═════ Provided data ═════
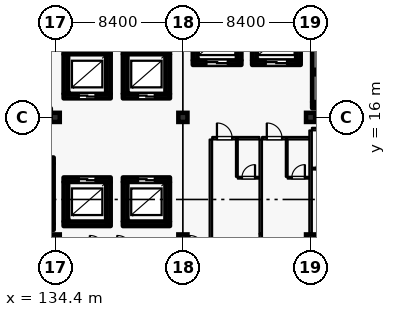
"""IFC4 building model, lengths in metres.
Left out: names, types, materials, properties, quantities, classifications, styles, units other than length and angle.
Written with IfcOpenShell. Run it as: python <this file> out.ifc"""

import sys

from ifc_helpers import new_model, si_unit, direction, frame, frame_2d, origin, origin_2d, place, context, subcontext, project, spatial, rectangle, hollow_rectangle, extrude, element, fill, save


model = new_model("IFC4")
c1 = context("Model", 3, precision=1e-05, world=origin(), true_north=direction((0.0, 1.0)))
c2 = subcontext(c1, "Body", "Model", "MODEL_VIEW")
j1 = project(units=[si_unit("LENGTHUNIT", "METRE"), si_unit("PLANEANGLEUNIT", "RADIAN")], contexts=[c1])
p1 = place(None, origin())
s1 = spatial("IfcSite", under=j1, at=p1, CompositionType="ELEMENT")
p2 = place(p1, origin())
s2 = spatial("IfcBuilding", under=s1, at=p2, CompositionType="ELEMENT")
p3 = place(p2, frame((0.0, 0.0, 39.6)))
s3 = spatial("IfcBuildingStorey", under=s2, at=p3, CompositionType="ELEMENT", Elevation=39.6)
for number, where, z_axis, x_axis in (
    (1, (134.4, 16.0, 0.0), (0.0, 0.0, 1.0), (1.0, 0.0, 0.0)),
    (2, (142.8, 16.0, 0.0), (0.0, 0.0, 1.0), (1.0, 0.0, 0.0)),
    (3, (151.2, 8.0, 0.0), (0.0, 0.0, 1.0), (1.0, 0.0, 0.0)),
    (4, (134.4, 8.0, 0.0), (0.0, 0.0, 1.0), (1.0, 0.0, 0.0)),
    (5, (142.8, 8.0, 0.0), (0.0, 0.0, 1.0), (1.0, 0.0, 0.0)),
    (6, (151.2, 16.0, 0.0), (0.0, 0.0, 1.0), (1.0, 0.0, 0.0)),
):
    element("IfcColumn", number, at=place(p3, frame(where, z_axis=z_axis, x_axis=x_axis)), inside=s3, PredefinedType="COLUMN", context=c2, shape_type="SweptSolid", body=[
        extrude(rectangle(XDim=0.6, YDim=0.6, at=origin_2d()), origin(), (0.0, 0.0, 1.0), 3.6),
    ])
p4 = place(p3, frame((134.95, 17.4, 0.0), z_axis=(0.0, 0.0, 1.0), x_axis=(1.0, 0.0, 0.0)))
e7 = element("IfcWall", 7, at=p4, inside=s3, PredefinedType="SHEAR", context=c2, shape_type="SweptSolid", body=[
    extrude(rectangle(XDim=3.1, YDim=0.3, at=frame_2d((1.55, 0.0))), origin(), (0.0, 0.0, 1.0), 3.335),
])
p5 = place(p4, frame((1.0, 0.0, 0.0)))
e8 = element("IfcOpeningElement", 8, at=p5, cuts=e7, PredefinedType="OPENING", context=c2, shape_type="SweptSolid", body=[
    extrude(rectangle(XDim=1.1, YDim=2.2, at=frame_2d((0.55, 1.1))), frame((0.0, 0.16, 0.0), z_axis=(0.0, -1.0, 0.0), x_axis=(1.0, 0.0, 0.0)), (0.0, 0.0, 1.0), 0.32),
])
p6 = place(p3, frame((137.9, 17.555, 0.0), z_axis=(0.0, 0.0, 1.0), x_axis=(0.0, 1.0, 0.0)))
e9 = element("IfcWall", 9, at=p6, inside=s3, PredefinedType="SHEAR", context=c2, shape_type="SweptSolid", body=[
    extrude(rectangle(XDim=2.59, YDim=0.3, at=frame_2d((1.295, 0.0))), origin(), (0.0, 0.0, 1.0), 3.335),
])
p7 = place(p3, frame((138.05, 20.3, 0.0), z_axis=(0.0, 0.0, 1.0), x_axis=(-1.0, 0.0, 0.0)))
e10 = element("IfcWall", 10, at=p7, inside=s3, PredefinedType="SHEAR", context=c2, shape_type="SweptSolid", body=[
    extrude(rectangle(XDim=3.1, YDim=0.3, at=frame_2d((1.55, 0.0))), origin(), (0.0, 0.0, 1.0), 3.335),
])
p8 = place(p3, frame((135.1, 20.145, 0.0), z_axis=(0.0, 0.0, 1.0), x_axis=(0.0, -1.0, 0.0)))
e11 = element("IfcWall", 11, at=p8, inside=s3, PredefinedType="SHEAR", context=c2, shape_type="SweptSolid", body=[
    extrude(rectangle(XDim=2.59, YDim=0.3, at=frame_2d((1.295, 0.0))), origin(), (0.0, 0.0, 1.0), 3.335),
])
p9 = place(p3, frame((138.85, 17.4, 0.0), z_axis=(0.0, 0.0, 1.0), x_axis=(1.0, 0.0, 0.0)))
e12 = element("IfcWall", 12, at=p9, inside=s3, PredefinedType="SHEAR", context=c2, shape_type="SweptSolid", body=[
    extrude(rectangle(XDim=3.1, YDim=0.3, at=frame_2d((1.55, 0.0))), origin(), (0.0, 0.0, 1.0), 3.335),
])
p10 = place(p9, frame((1.0, 0.0, 0.0)))
e13 = element("IfcOpeningElement", 13, at=p10, cuts=e12, PredefinedType="OPENING", context=c2, shape_type="SweptSolid", body=[
    extrude(rectangle(XDim=1.1, YDim=2.2, at=frame_2d((0.55, 1.1))), frame((0.0, 0.16, 0.0), z_axis=(0.0, -1.0, 0.0), x_axis=(1.0, 0.0, 0.0)), (0.0, 0.0, 1.0), 0.32),
])
p11 = place(p3, frame((141.8, 17.555, 0.0), z_axis=(0.0, 0.0, 1.0), x_axis=(0.0, 1.0, 0.0)))
e14 = element("IfcWall", 14, at=p11, inside=s3, PredefinedType="SHEAR", context=c2, shape_type="SweptSolid", body=[
    extrude(rectangle(XDim=2.59, YDim=0.3, at=frame_2d((1.295, 0.0))), origin(), (0.0, 0.0, 1.0), 3.335),
])
p12 = place(p3, frame((141.95, 20.3, 0.0), z_axis=(0.0, 0.0, 1.0), x_axis=(-1.0, 0.0, 0.0)))
e15 = element("IfcWall", 15, at=p12, inside=s3, PredefinedType="SHEAR", context=c2, shape_type="SweptSolid", body=[
    extrude(rectangle(XDim=3.1, YDim=0.3, at=frame_2d((1.55, 0.0))), origin(), (0.0, 0.0, 1.0), 3.335),
])
p13 = place(p3, frame((139.0, 20.145, 0.0), z_axis=(0.0, 0.0, 1.0), x_axis=(0.0, -1.0, 0.0)))
e16 = element("IfcWall", 16, at=p13, inside=s3, PredefinedType="SHEAR", context=c2, shape_type="SweptSolid", body=[
    extrude(rectangle(XDim=2.59, YDim=0.3, at=frame_2d((1.295, 0.0))), origin(), (0.0, 0.0, 1.0), 3.335),
])
p14 = place(p3, frame((134.95, 9.0, 0.0), z_axis=(0.0, 0.0, 1.0), x_axis=(1.0, 0.0, 0.0)))
e17 = element("IfcWall", 17, at=p14, inside=s3, PredefinedType="SHEAR", context=c2, shape_type="SweptSolid", body=[
    extrude(rectangle(XDim=3.1, YDim=0.3, at=frame_2d((1.55, 0.0))), origin(), (0.0, 0.0, 1.0), 3.335),
])
p15 = place(p3, frame((137.9, 9.155, 0.0), z_axis=(0.0, 0.0, 1.0), x_axis=(0.0, 1.0, 0.0)))
e18 = element("IfcWall", 18, at=p15, inside=s3, PredefinedType="SHEAR", context=c2, shape_type="SweptSolid", body=[
    extrude(rectangle(XDim=2.59, YDim=0.3, at=frame_2d((1.295, 0.0))), origin(), (0.0, 0.0, 1.0), 3.335),
])
p16 = place(p3, frame((138.05, 11.9, 0.0), z_axis=(0.0, 0.0, 1.0), x_axis=(-1.0, 0.0, 0.0)))
e19 = element("IfcWall", 19, at=p16, inside=s3, PredefinedType="SHEAR", context=c2, shape_type="SweptSolid", body=[
    extrude(rectangle(XDim=3.1, YDim=0.3, at=frame_2d((1.55, 0.0))), origin(), (0.0, 0.0, 1.0), 3.335),
])
p17 = place(p16, frame((1.0, 0.0, 0.0)))
e20 = element("IfcOpeningElement", 20, at=p17, cuts=e19, PredefinedType="OPENING", context=c2, shape_type="SweptSolid", body=[
    extrude(rectangle(XDim=1.1, YDim=2.2, at=frame_2d((0.55, 1.1))), frame((0.0, 0.16, 0.0), z_axis=(0.0, -1.0, 0.0), x_axis=(1.0, 0.0, 0.0)), (0.0, 0.0, 1.0), 0.32),
])
p18 = place(p3, frame((135.1, 11.745, 0.0), z_axis=(0.0, 0.0, 1.0), x_axis=(0.0, -1.0, 0.0)))
e21 = element("IfcWall", 21, at=p18, inside=s3, PredefinedType="SHEAR", context=c2, shape_type="SweptSolid", body=[
    extrude(rectangle(XDim=2.59, YDim=0.3, at=frame_2d((1.295, 0.0))), origin(), (0.0, 0.0, 1.0), 3.335),
])
p19 = place(p3, frame((138.85, 9.0, 0.0), z_axis=(0.0, 0.0, 1.0), x_axis=(1.0, 0.0, 0.0)))
e22 = element("IfcWall", 22, at=p19, inside=s3, PredefinedType="SHEAR", context=c2, shape_type="SweptSolid", body=[
    extrude(rectangle(XDim=3.1, YDim=0.3, at=frame_2d((1.55, 0.0))), origin(), (0.0, 0.0, 1.0), 3.335),
])
p20 = place(p3, frame((141.8, 9.155, 0.0), z_axis=(0.0, 0.0, 1.0), x_axis=(0.0, 1.0, 0.0)))
e23 = element("IfcWall", 23, at=p20, inside=s3, PredefinedType="SHEAR", context=c2, shape_type="SweptSolid", body=[
    extrude(rectangle(XDim=2.59, YDim=0.3, at=frame_2d((1.295, 0.0))), origin(), (0.0, 0.0, 1.0), 3.335),
])
p21 = place(p3, frame((141.95, 11.9, 0.0), z_axis=(0.0, 0.0, 1.0), x_axis=(-1.0, 0.0, 0.0)))
e24 = element("IfcWall", 24, at=p21, inside=s3, PredefinedType="SHEAR", context=c2, shape_type="SweptSolid", body=[
    extrude(rectangle(XDim=3.1, YDim=0.3, at=frame_2d((1.55, 0.0))), origin(), (0.0, 0.0, 1.0), 3.335),
])
p22 = place(p21, frame((1.0, 0.0, 0.0)))
e25 = element("IfcOpeningElement", 25, at=p22, cuts=e24, PredefinedType="OPENING", context=c2, shape_type="SweptSolid", body=[
    extrude(rectangle(XDim=1.1, YDim=2.2, at=frame_2d((0.55, 1.1))), frame((0.0, 0.16, 0.0), z_axis=(0.0, -1.0, 0.0), x_axis=(1.0, 0.0, 0.0)), (0.0, 0.0, 1.0), 0.32),
])
p23 = place(p3, frame((139.0, 11.745, 0.0), z_axis=(0.0, 0.0, 1.0), x_axis=(0.0, -1.0, 0.0)))
e26 = element("IfcWall", 26, at=p23, inside=s3, PredefinedType="SHEAR", context=c2, shape_type="SweptSolid", body=[
    extrude(rectangle(XDim=2.59, YDim=0.3, at=frame_2d((1.295, 0.0))), origin(), (0.0, 0.0, 1.0), 3.335),
])
p24 = place(p3, frame((143.45, 19.6, 0.0), z_axis=(0.0, 0.0, 1.0), x_axis=(1.0, 0.0, 0.0)))
e27 = element("IfcWall", 27, at=p24, inside=s3, PredefinedType="SHEAR", context=c2, shape_type="SweptSolid", body=[
    extrude(rectangle(XDim=3.2, YDim=0.3, at=frame_2d((1.6, 0.0))), origin(), (0.0, 0.0, 1.0), 3.335),
])
p25 = place(p24, frame((0.9, 0.0, 0.0)))
e28 = element("IfcOpeningElement", 28, at=p25, cuts=e27, PredefinedType="OPENING", context=c2, shape_type="SweptSolid", body=[
    extrude(rectangle(XDim=1.4, YDim=2.35, at=frame_2d((0.7, 1.175))), frame((0.0, 0.16, 0.0), z_axis=(0.0, -1.0, 0.0), x_axis=(1.0, 0.0, 0.0)), (0.0, 0.0, 1.0), 0.32),
])
for number, where, z_axis, x_axis in (
    (29, (146.5, 19.755, 0.0), (0.0, 0.0, 1.0), (0.0, 1.0, 0.0)),
    (30, (143.6, 22.445, 0.0), (0.0, 0.0, 1.0), (0.0, -1.0, 0.0)),
):
    element("IfcWall", number, at=place(p3, frame(where, z_axis=z_axis, x_axis=x_axis)), inside=s3, PredefinedType="SHEAR", context=c2, shape_type="SweptSolid", body=[
        extrude(rectangle(XDim=2.69, YDim=0.3, at=frame_2d((1.345, 0.0))), origin(), (0.0, 0.0, 1.0), 3.335),
    ])
p26 = place(p3, frame((147.35, 19.6, 0.0), z_axis=(0.0, 0.0, 1.0), x_axis=(1.0, 0.0, 0.0)))
e31 = element("IfcWall", 31, at=p26, inside=s3, PredefinedType="SHEAR", context=c2, shape_type="SweptSolid", body=[
    extrude(rectangle(XDim=3.2, YDim=0.3, at=frame_2d((1.6, 0.0))), origin(), (0.0, 0.0, 1.0), 3.335),
])
p27 = place(p26, frame((0.9, 0.0, 0.0)))
e32 = element("IfcOpeningElement", 32, at=p27, cuts=e31, PredefinedType="OPENING", context=c2, shape_type="SweptSolid", body=[
    extrude(rectangle(XDim=1.4, YDim=2.35, at=frame_2d((0.7, 1.175))), frame((0.0, 0.16, 0.0), z_axis=(0.0, -1.0, 0.0), x_axis=(1.0, 0.0, 0.0)), (0.0, 0.0, 1.0), 0.32),
])
for number, where, z_axis, x_axis in (
    (33, (150.4, 19.755, 0.0), (0.0, 0.0, 1.0), (0.0, 1.0, 0.0)),
    (34, (147.5, 22.445, 0.0), (0.0, 0.0, 1.0), (0.0, -1.0, 0.0)),
):
    element("IfcWall", number, at=place(p3, frame(where, z_axis=z_axis, x_axis=x_axis)), inside=s3, PredefinedType="SHEAR", context=c2, shape_type="SweptSolid", body=[
        extrude(rectangle(XDim=2.69, YDim=0.3, at=frame_2d((1.345, 0.0))), origin(), (0.0, 0.0, 1.0), 3.335),
    ])
p28 = place(p3, frame((126.1, 8.8, 0.0), z_axis=(0.0, 0.0, 1.0), x_axis=(1.0, 0.0, 0.0)))
e35 = element("IfcWall", 35, at=p28, inside=s3, PredefinedType="SHEAR", context=c2, shape_type="SweptSolid", body=[
    extrude(rectangle(XDim=8.2, YDim=0.4, at=frame_2d((4.1, 0.0))), origin(), (0.0, 0.0, 1.0), 3.335),
])
p29 = place(p3, frame((134.1, 9.005, 0.0), z_axis=(0.0, 0.0, 1.0), x_axis=(0.0, 1.0, 0.0)))
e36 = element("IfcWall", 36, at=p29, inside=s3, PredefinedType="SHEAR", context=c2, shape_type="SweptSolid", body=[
═════
_About this exercise_:
Look through the records for the string "CompositionType". Copy every line that has it.

_Answer to the exercise_:
s1 = spatial("IfcSite", under=j1, at=p1, CompositionType="ELEMENT")
s2 = spatial("IfcBuilding", under=s1, at=p2, CompositionType="ELEMENT")
s3 = spatial("IfcBuildingStorey", under=s2, at=p3, CompositionType="ELEMENT", Elevation=39.6)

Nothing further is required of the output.